PROBLEM DETAILS: Look through the data below for the string "import", and copy every line where it turns up.

EXCERPTED DATA:
____________
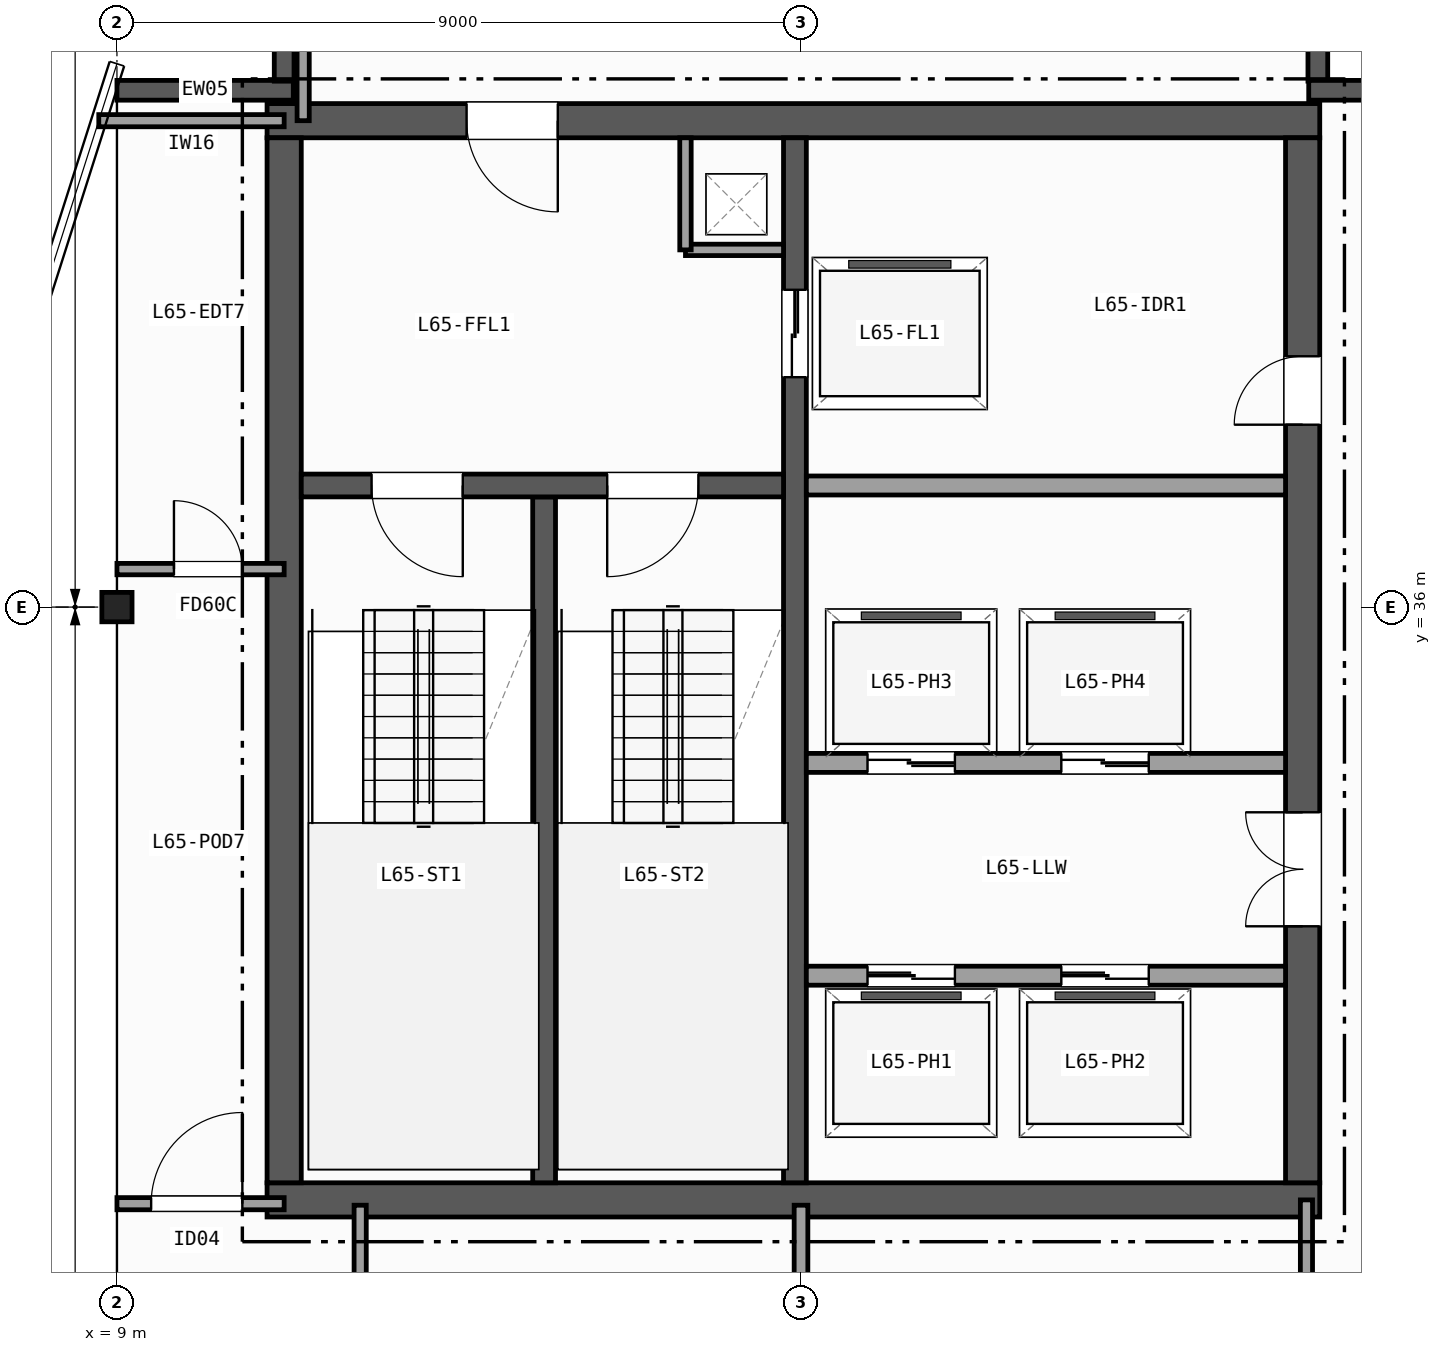
"""IFC4 building model, lengths in metres.
Left out: names, types, materials, properties, quantities, classifications, styles, units other than length and angle.
Written with IfcOpenShell. Run it as: python <this file> out.ifc"""

import sys

from ifc_helpers import new_model, si_unit, direction, frame, frame_2d, origin, origin_2d, place, context, subcontext, project, spatial, rectangle, i_section, extrude, element, fill, save


model = new_model("IFC4")
c1 = context("Model", 3, precision=1e-05, world=origin(), true_north=direction((0.0, 1.0)))
c2 = subcontext(c1, "Body", "Model", "MODEL_VIEW")
j1 = project(units=[si_unit("LENGTHUNIT", "METRE"), si_unit("PLANEANGLEUNIT", "RADIAN")], contexts=[c1])
p1 = place(None, origin())
s1 = spatial("IfcSite", under=j1, at=p1, CompositionType="ELEMENT")
p2 = place(p1, origin())
s2 = spatial("IfcBuilding", under=s1, at=p2, CompositionType="ELEMENT")
p3 = place(p2, frame((0.0, 0.0, 259.3)))
s3 = spatial("IfcBuildingStorey", under=s2, at=p3, CompositionType="ELEMENT", Elevation=259.3)
p4 = place(p3, frame((9.0, 36.0, 0.0), z_axis=(0.0, 0.0, 1.0), x_axis=(1.0, 0.0, 0.0)))
e1 = element("IfcColumn", 1, at=p4, inside=s3, PredefinedType="COLUMN", context=c2, shape_type="SweptSolid", body=[
    extrude(i_section(OverallWidth=0.397, OverallDepth=0.387, WebThickness=0.021, FlangeThickness=0.033, FilletRadius=0.015, at=origin_2d()), origin(), (0.0, 0.0, 1.0), 3.7),
])
p5 = place(p3, frame((9.0, 42.8, 0.0), z_axis=(0.0, 0.0, 1.0), x_axis=(1.0, 0.0, 0.0)))
e2 = element("IfcWall", 2, at=p5, inside=s3, PredefinedType="SOLIDWALL", context=c2, shape_type="SweptSolid", body=[
    extrude(rectangle(XDim=2.32, YDim=0.26, at=frame_2d((1.16, 0.0))), origin(), (0.0, 0.0, 1.0), 3.42),
])
for number, where, z_axis, x_axis in (
    (3, (11.2, 42.92, 0.0), (0.0, 0.0, 1.0), (0.0, 1.0, 0.0)),
    (4, (24.8, 45.0, 0.0), (0.0, 0.0, 1.0), (0.0, -1.0, 0.0)),
):
    element("IfcWall", number, at=place(p3, frame(where, z_axis=z_axis, x_axis=x_axis)), inside=s3, PredefinedType="SOLIDWALL", context=c2, shape_type="SweptSolid", body=[
        extrude(rectangle(XDim=2.08, YDim=0.26, at=frame_2d((1.04, 0.0))), origin(), (0.0, 0.0, 1.0), 3.42),
    ])
p6 = place(p3, frame((24.68, 42.8, 0.0), z_axis=(0.0, 0.0, 1.0), x_axis=(1.0, 0.0, 0.0)))
e5 = element("IfcWall", 5, at=p6, inside=s3, PredefinedType="SOLIDWALL", context=c2, shape_type="SweptSolid", body=[
    extrude(rectangle(XDim=2.32, YDim=0.26, at=frame_2d((1.16, 0.0))), origin(), (0.0, 0.0, 1.0), 3.42),
])
p7 = place(p3, frame((10.975, 28.2, 0.0), z_axis=(0.0, 0.0, 1.0), x_axis=(1.0, 0.0, 0.0)))
e6 = element("IfcWall", 6, at=p7, inside=s3, PredefinedType="SHEAR", context=c2, shape_type="SweptSolid", body=[
    extrude(rectangle(XDim=13.85, YDim=0.45, at=frame_2d((6.925, 0.0))), origin(), (0.0, 0.0, 1.0), 3.42),
])
p8 = place(p3, frame((24.825, 42.4, 0.0), z_axis=(0.0, 0.0, 1.0), x_axis=(-1.0, 0.0, 0.0)))
e7 = element("IfcWall", 7, at=p8, inside=s3, PredefinedType="SHEAR", context=c2, shape_type="SweptSolid", body=[
    extrude(rectangle(XDim=13.85, YDim=0.45, at=frame_2d((6.925, 0.0))), origin(), (0.0, 0.0, 1.0), 3.42),
])
p9 = place(p8, frame((10.025, 0.0, 0.0)))
e8 = element("IfcOpeningElement", 8, at=p9, cuts=e7, PredefinedType="OPENING", context=c2, shape_type="SweptSolid", body=[
    extrude(rectangle(XDim=1.2, YDim=2.15, at=frame_2d((0.6, 1.075))), frame((0.0, 0.235, 0.0), z_axis=(0.0, -1.0, 0.0), x_axis=(1.0, 0.0, 0.0)), (0.0, 0.0, 1.0), 0.47),
])
p10 = place(p3, frame((11.2, 42.175, 0.0), z_axis=(0.0, 0.0, 1.0), x_axis=(0.0, -1.0, 0.0)))
e9 = element("IfcWall", 9, at=p10, inside=s3, PredefinedType="SHEAR", context=c2, shape_type="SweptSolid", body=[
    extrude(rectangle(XDim=13.75, YDim=0.45, at=frame_2d((6.875, 0.0))), origin(), (0.0, 0.0, 1.0), 3.42),
])
p11 = place(p3, frame((24.6, 28.425, 0.0), z_axis=(0.0, 0.0, 1.0), x_axis=(0.0, 1.0, 0.0)))
e10 = element("IfcWall", 10, at=p11, inside=s3, PredefinedType="SHEAR", context=c2, shape_type="SweptSolid", body=[
    extrude(rectangle(XDim=13.75, YDim=0.45, at=frame_2d((6.875, 0.0))), origin(), (0.0, 0.0, 1.0), 3.42),
])
p12 = place(p11, frame((3.375, 0.0, 0.0)))
e11 = element("IfcOpeningElement", 11, at=p12, cuts=e10, PredefinedType="OPENING", context=c2, shape_type="SweptSolid", body=[
    extrude(rectangle(XDim=1.5, YDim=2.2, at=frame_2d((0.75, 1.1))), frame((0.0, 0.235, 0.0), z_axis=(0.0, -1.0, 0.0), x_axis=(1.0, 0.0, 0.0)), (0.0, 0.0, 1.0), 0.47),
])
p13 = place(p11, frame((9.975, 0.0, 0.0)))
e12 = element("IfcOpeningElement", 12, at=p13, cuts=e10, PredefinedType="OPENING", context=c2, shape_type="SweptSolid", body=[
    extrude(rectangle(XDim=0.9, YDim=2.1, at=frame_2d((0.45, 1.05))), frame((0.0, 0.235, 0.0), z_axis=(0.0, -1.0, 0.0), x_axis=(1.0, 0.0, 0.0)), (0.0, 0.0, 1.0), 0.47),
])
p14 = place(p3, frame((14.62, 28.425, 0.0), z_axis=(0.0, 0.0, 1.0), x_axis=(0.0, 1.0, 0.0)))
e13 = element("IfcWall", 13, at=p14, inside=s3, PredefinedType="SHEAR", context=c2, shape_type="SweptSolid", body=[
    extrude(rectangle(XDim=9.025, YDim=0.3, at=frame_2d((4.512, 0.0))), origin(), (0.0, 0.0, 1.0), 3.42),
])
p15 = place(p3, frame((17.92, 42.175, 0.0), z_axis=(0.0, 0.0, 1.0), x_axis=(0.0, -1.0, 0.0)))
e14 = element("IfcWall", 14, at=p15, inside=s3, PredefinedType="SHEAR", context=c2, shape_type="SweptSolid", body=[
    extrude(rectangle(XDim=13.75, YDim=0.3, at=frame_2d((6.875, 0.0))), origin(), (0.0, 0.0, 1.0), 3.42),
])
p16 = place(p15, frame((2.0, 0.0, 0.0)))
e15 = element("IfcOpeningElement", 15, at=p16, cuts=e14, PredefinedType="OPENING", context=c2, shape_type="SweptSolid", body=[
    extrude(rectangle(XDim=1.15, YDim=2.15, at=frame_2d((0.575, 1.075))), frame((0.0, 0.16, 0.0), z_axis=(0.0, -1.0, 0.0), x_axis=(1.0, 0.0, 0.0)), (0.0, 0.0, 1.0), 0.32),
])
p17 = place(p3, frame((17.77, 37.6, 0.0), z_axis=(0.0, 0.0, 1.0), x_axis=(-1.0, 0.0, 0.0)))
e16 = element("IfcWall", 16, at=p17, inside=s3, PredefinedType="SHEAR", context=c2, shape_type="SweptSolid", body=[
    extrude(rectangle(XDim=6.345, YDim=0.3, at=frame_2d((3.172, 0.0))), origin(), (0.0, 0.0, 1.0), 3.42),
])
p18 = place(p17, frame((4.22, 0.0, 0.0)))
e17 = element("IfcOpeningElement", 17, at=p18, cuts=e16, PredefinedType="OPENING", context=c2, shape_type="SweptSolid", body=[
    extrude(rectangle(XDim=1.2, YDim=2.15, at=frame_2d((0.6, 1.075))), frame((0.0, 0.16, 0.0), z_axis=(0.0, -1.0, 0.0), x_axis=(1.0, 0.0, 0.0)), (0.0, 0.0, 1.0), 0.32),
])
p19 = place(p17, frame((1.12, 0.0, 0.0)))
e18 = element("IfcOpeningElement", 18, at=p19, cuts=e16, PredefinedType="OPENING", context=c2, shape_type="SweptSolid", body=[
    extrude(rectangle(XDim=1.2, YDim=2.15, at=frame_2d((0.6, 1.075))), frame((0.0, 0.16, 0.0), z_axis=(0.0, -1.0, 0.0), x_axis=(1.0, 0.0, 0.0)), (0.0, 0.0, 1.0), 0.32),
____________
RESULT BELOW:
import sys
from ifc_helpers import new_model, si_unit, direction, frame, frame_2d, origin, origin_2d, place, context, subcontext, project, spatial, rectangle, i_section, extrude, element, fill, save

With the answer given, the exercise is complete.